From the entries below, copy every line holding the word "contexts".

═════ Data to use ═════

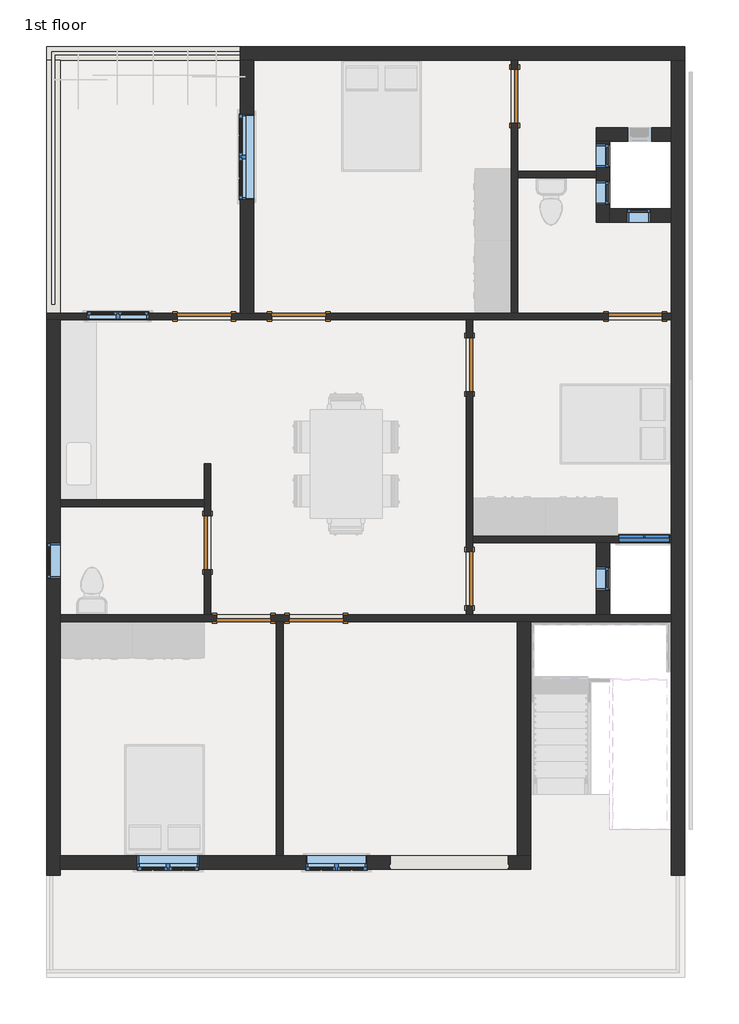
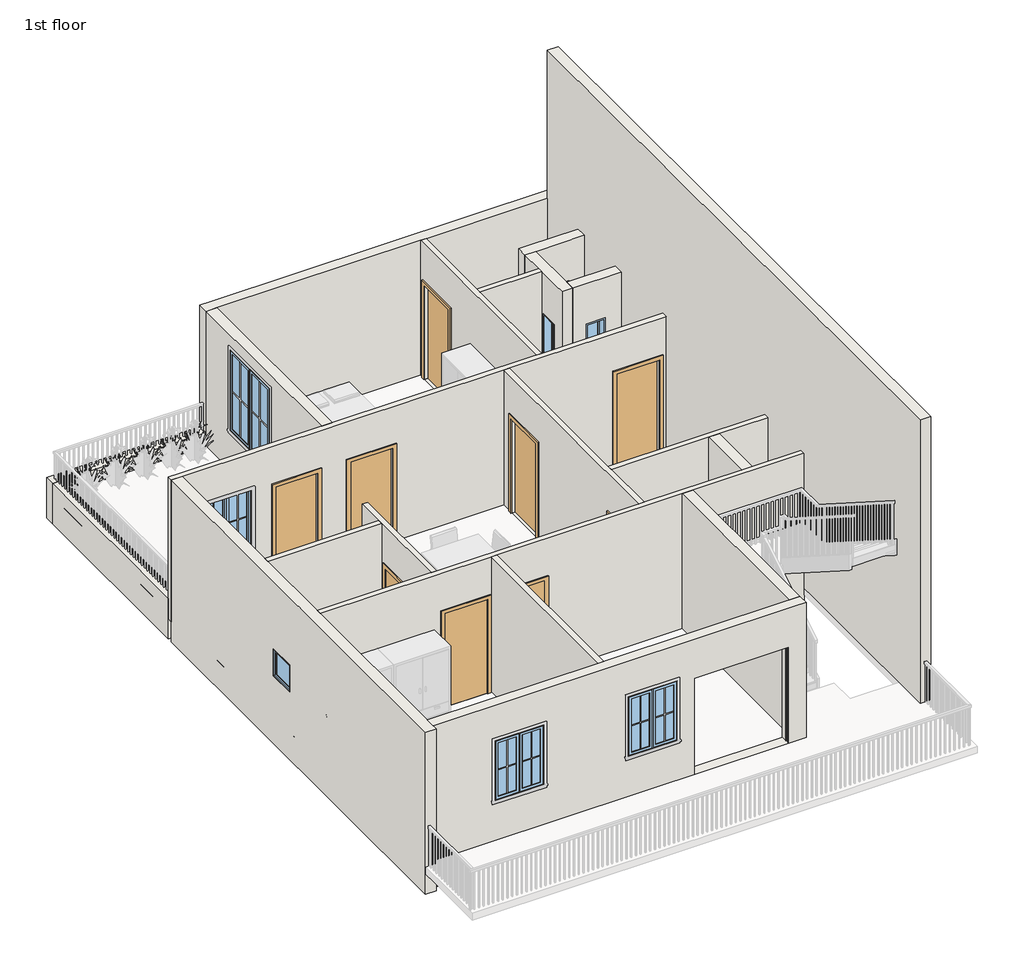
# One storey, part 1 of 5: 21 walls, 10 windows, 9 doors.
"""IFC4 building model written with IfcOpenShell, lengths in millimetres."""

from ifc_helpers import new_model, si_unit, frame, origin, place, context, project, spatial, polyline, outline, extrude, faceted_brep, transform, mapped, element, save
from components import door_305aa2a5, door_e5f9f3c4, window_aa618e30, window_cea7027f, window_80340324, window_a598f463, window_8ddb865a, window_c95ebb39, window_9ac97e1a

model = new_model("IFC4")

# Units and contexts
model_context = context("Model", 3, world=origin())
ifc_project = project(units=[si_unit("LENGTHUNIT", "METRE", prefix="MILLI")], contexts=[model_context])

# Site, building, storey
site = spatial("IfcSite", under=ifc_project)
building = spatial("IfcBuilding", under=site)
storey = spatial("IfcBuildingStorey", under=building, Name="1st floor", Elevation=3810.0)

# Doors
placement = place(None, origin())
door_shape = door_305aa2a5(model_context)
element("IfcDoor", 1, ObjectType="Single-Flush : 36\" x 84\"", at=placement, inside=storey, context=model_context, shape_type="MappedRepresentation", body=[
    mapped(door_shape, transform((-3843.1498597, 8241.1757925, 3810.0), x_axis=(-1.0, 0.0, 0.0), y_axis=(0.0, -1.0, 0.0), z_axis=(0.0, 0.0, 1.0))),
])
element("IfcDoor", 2, ObjectType="Single-Flush : 36\" x 84\"", at=placement, inside=storey, context=model_context, shape_type="MappedRepresentation", body=[
    mapped(door_shape, transform((-953.8998597, 7422.0257925, 3810.0), x_axis=(0.0, 1.0, 0.0), y_axis=(-1.0, 0.0, 0.0), z_axis=(0.0, 0.0, 1.0))),
])
element("IfcDoor", 3, ObjectType="Single-Flush : 36\" x 84\"", at=placement, inside=storey, context=model_context, shape_type="MappedRepresentation", body=[
    mapped(door_shape, transform((-4776.5998597, 3135.7757925, 3810.0), x_axis=(1.0, 0.0, 0.0), y_axis=(0.0, 1.0, 0.0), z_axis=(0.0, 0.0, 1.0))),
])
element("IfcDoor", 4, ObjectType="Single-Flush : 36\" x 84\"", at=placement, inside=storey, context=model_context, shape_type="MappedRepresentation", body=[
    mapped(door_shape, transform((-191.8998597, 11968.6257925, 3810.0), x_axis=(0.0, 1.0, 0.0), y_axis=(-1.0, 0.0, 0.0), z_axis=(0.0, 0.0, 1.0))),
])
door_2_shape = door_e5f9f3c4(model_context)
element("IfcDoor", 5, ObjectType="Single-Flush : 36\" x 84\"", at=placement, inside=storey, context=model_context, shape_type="MappedRepresentation", body=[
    mapped(door_2_shape, transform((1846.4501403, 8241.1757925, 3810.0), x_axis=(1.0, 0.0, 0.0), y_axis=(0.0, 1.0, 0.0), z_axis=(0.0, 0.0, 1.0))),
])
element("IfcDoor", 6, ObjectType="Single-Flush : 36\" x 84\"", at=placement, inside=storey, context=model_context, shape_type="MappedRepresentation", body=[
    mapped(door_2_shape, transform((-3551.0498597, 3135.7757925, 3810.0), x_axis=(-1.0, 0.0, 0.0), y_axis=(0.0, -1.0, 0.0), z_axis=(0.0, 0.0, 1.0))),
])
element("IfcDoor", 7, ObjectType="Single-Flush : 36\" x 84\"", at=placement, inside=storey, context=model_context, shape_type="MappedRepresentation", body=[
    mapped(door_2_shape, transform((-953.8998597, 3802.5257925, 3810.0), x_axis=(0.0, -1.0, 0.0), y_axis=(1.0, 0.0, 0.0), z_axis=(0.0, 0.0, 1.0))),
])
element("IfcDoor", 8, ObjectType="Single-Flush : 36\" x 84\"", at=placement, inside=storey, context=model_context, shape_type="MappedRepresentation", body=[
    mapped(door_2_shape, transform((-5443.3498597, 8241.1757925, 3810.0), x_axis=(1.0, 0.0, 0.0), y_axis=(0.0, 1.0, 0.0), z_axis=(0.0, 0.0, 1.0))),
])
element("IfcDoor", 9, ObjectType="Single-Flush : 36\" x 84\"", at=placement, inside=storey, context=model_context, shape_type="MappedRepresentation", body=[
    mapped(door_2_shape, transform((-5386.1998597, 4412.1257925, 3810.0), x_axis=(0.0, 1.0, 0.0), y_axis=(-1.0, 0.0, 0.0), z_axis=(0.0, 0.0, 1.0))),
])

# Walls
element("IfcWall", 10, at=placement, inside=storey, context=model_context, shape_type="Brep", body=[
    faceted_brep([(-8110.3498597, 12578.2257925, 3200.4), (-7881.7498597, 12578.2257925, 3200.4), (-4833.7498597, 12578.2257925, 3200.4), (-4833.7498597, 12578.2257925, 3657.6), (-4605.1498597, 12578.2257925, 3657.6), (-4605.1498597, 12578.2257925, 3810.0), (-4719.4498597, 12578.2257925, 3810.0), (-4719.4498597, 12578.2257925, 4114.8), (-4833.7498597, 12578.2257925, 4114.8), (-7881.7498597, 12578.2257925, 4114.8), (-8110.3498597, 12578.2257925, 4114.8), (-8110.3498597, 12806.8257925, 3200.4), (-8110.3498597, 12806.8257925, 4114.8), (-4833.7498597, 12806.8257925, 4114.8), (-4719.4498597, 12806.8257925, 4114.8), (-4719.4498597, 12806.8257925, 3810.0), (-4605.1498597, 12806.8257925, 3810.0), (-4605.1498597, 12806.8257925, 3657.6), (-4833.7498597, 12806.8257925, 3657.6), (-4833.7498597, 12806.8257925, 3200.4)], [[[0, 1, 2, 3, 4, 5, 6, 7, 8, 9, 10]], [[11, 12, 13, 14, 15, 16, 17, 18, 19]], [[2, 1, 0, 11, 19]], [[10, 9, 8, 7, 14, 13, 12]], [[0, 10, 12, 11]], [[17, 4, 3, 18]], [[3, 2, 19, 18]], [[7, 6, 15, 14]], [[15, 6, 5, 16]], [[5, 4, 17, 16]]]),
])
element("IfcWall", 11, at=placement, inside=storey, context=model_context, shape_type="Brep", body=[
    faceted_brep([(-4833.7498597, 12578.2257925, 6858.0), (-4833.7498597, 12578.2257925, 4114.8), (-4833.7498597, 12578.2257925, 3657.6), (-4833.7498597, 12578.2257925, 3200.4), (-4833.7498597, 8298.3257925, 3200.4), (-4833.7498597, 8298.3257925, 6858.0), (-4833.7498597, 11663.8257925, 6553.2), (-4833.7498597, 10216.0257925, 6553.2), (-4833.7498597, 10216.0257925, 4724.4), (-4833.7498597, 11663.8257925, 4724.4), (-4605.1498597, 12578.2257925, 3200.4), (-4605.1498597, 12578.2257925, 3657.6), (-4605.1498597, 12578.2257925, 3810.0), (-4605.1498597, 12578.2257925, 6858.0), (-4605.1498597, 8298.3257925, 6858.0), (-4605.1498597, 8298.3257925, 3200.4), (-4605.1498597, 11663.8257925, 6553.2), (-4605.1498597, 11663.8257925, 4724.4), (-4605.1498597, 10216.0257925, 4724.4), (-4605.1498597, 10216.0257925, 6553.2)], [[[0, 1, 2, 3, 4, 5], [6, 7, 8, 9]], [[10, 11, 12, 13, 14, 15], [16, 17, 18, 19]], [[4, 3, 10, 15]], [[17, 16, 6, 9]], [[18, 17, 9, 8]], [[19, 18, 8, 7]], [[16, 19, 7, 6]], [[4, 15, 14, 5]], [[0, 13, 12, 11, 10, 3, 2, 1]], [[0, 5, 14, 13]]]),
])
element("IfcWall", 12, at=placement, inside=storey, context=model_context, shape_type="Brep", body=[
    faceted_brep([(2456.0501403, 8298.3257925, 6858.0), (2456.0501403, 8298.3257925, 3200.4), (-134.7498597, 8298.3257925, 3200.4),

═════

• Exercise result
# Units and contexts
ifc_project = project(units=[si_unit("LENGTHUNIT", "METRE", prefix="MILLI")], contexts=[model_context])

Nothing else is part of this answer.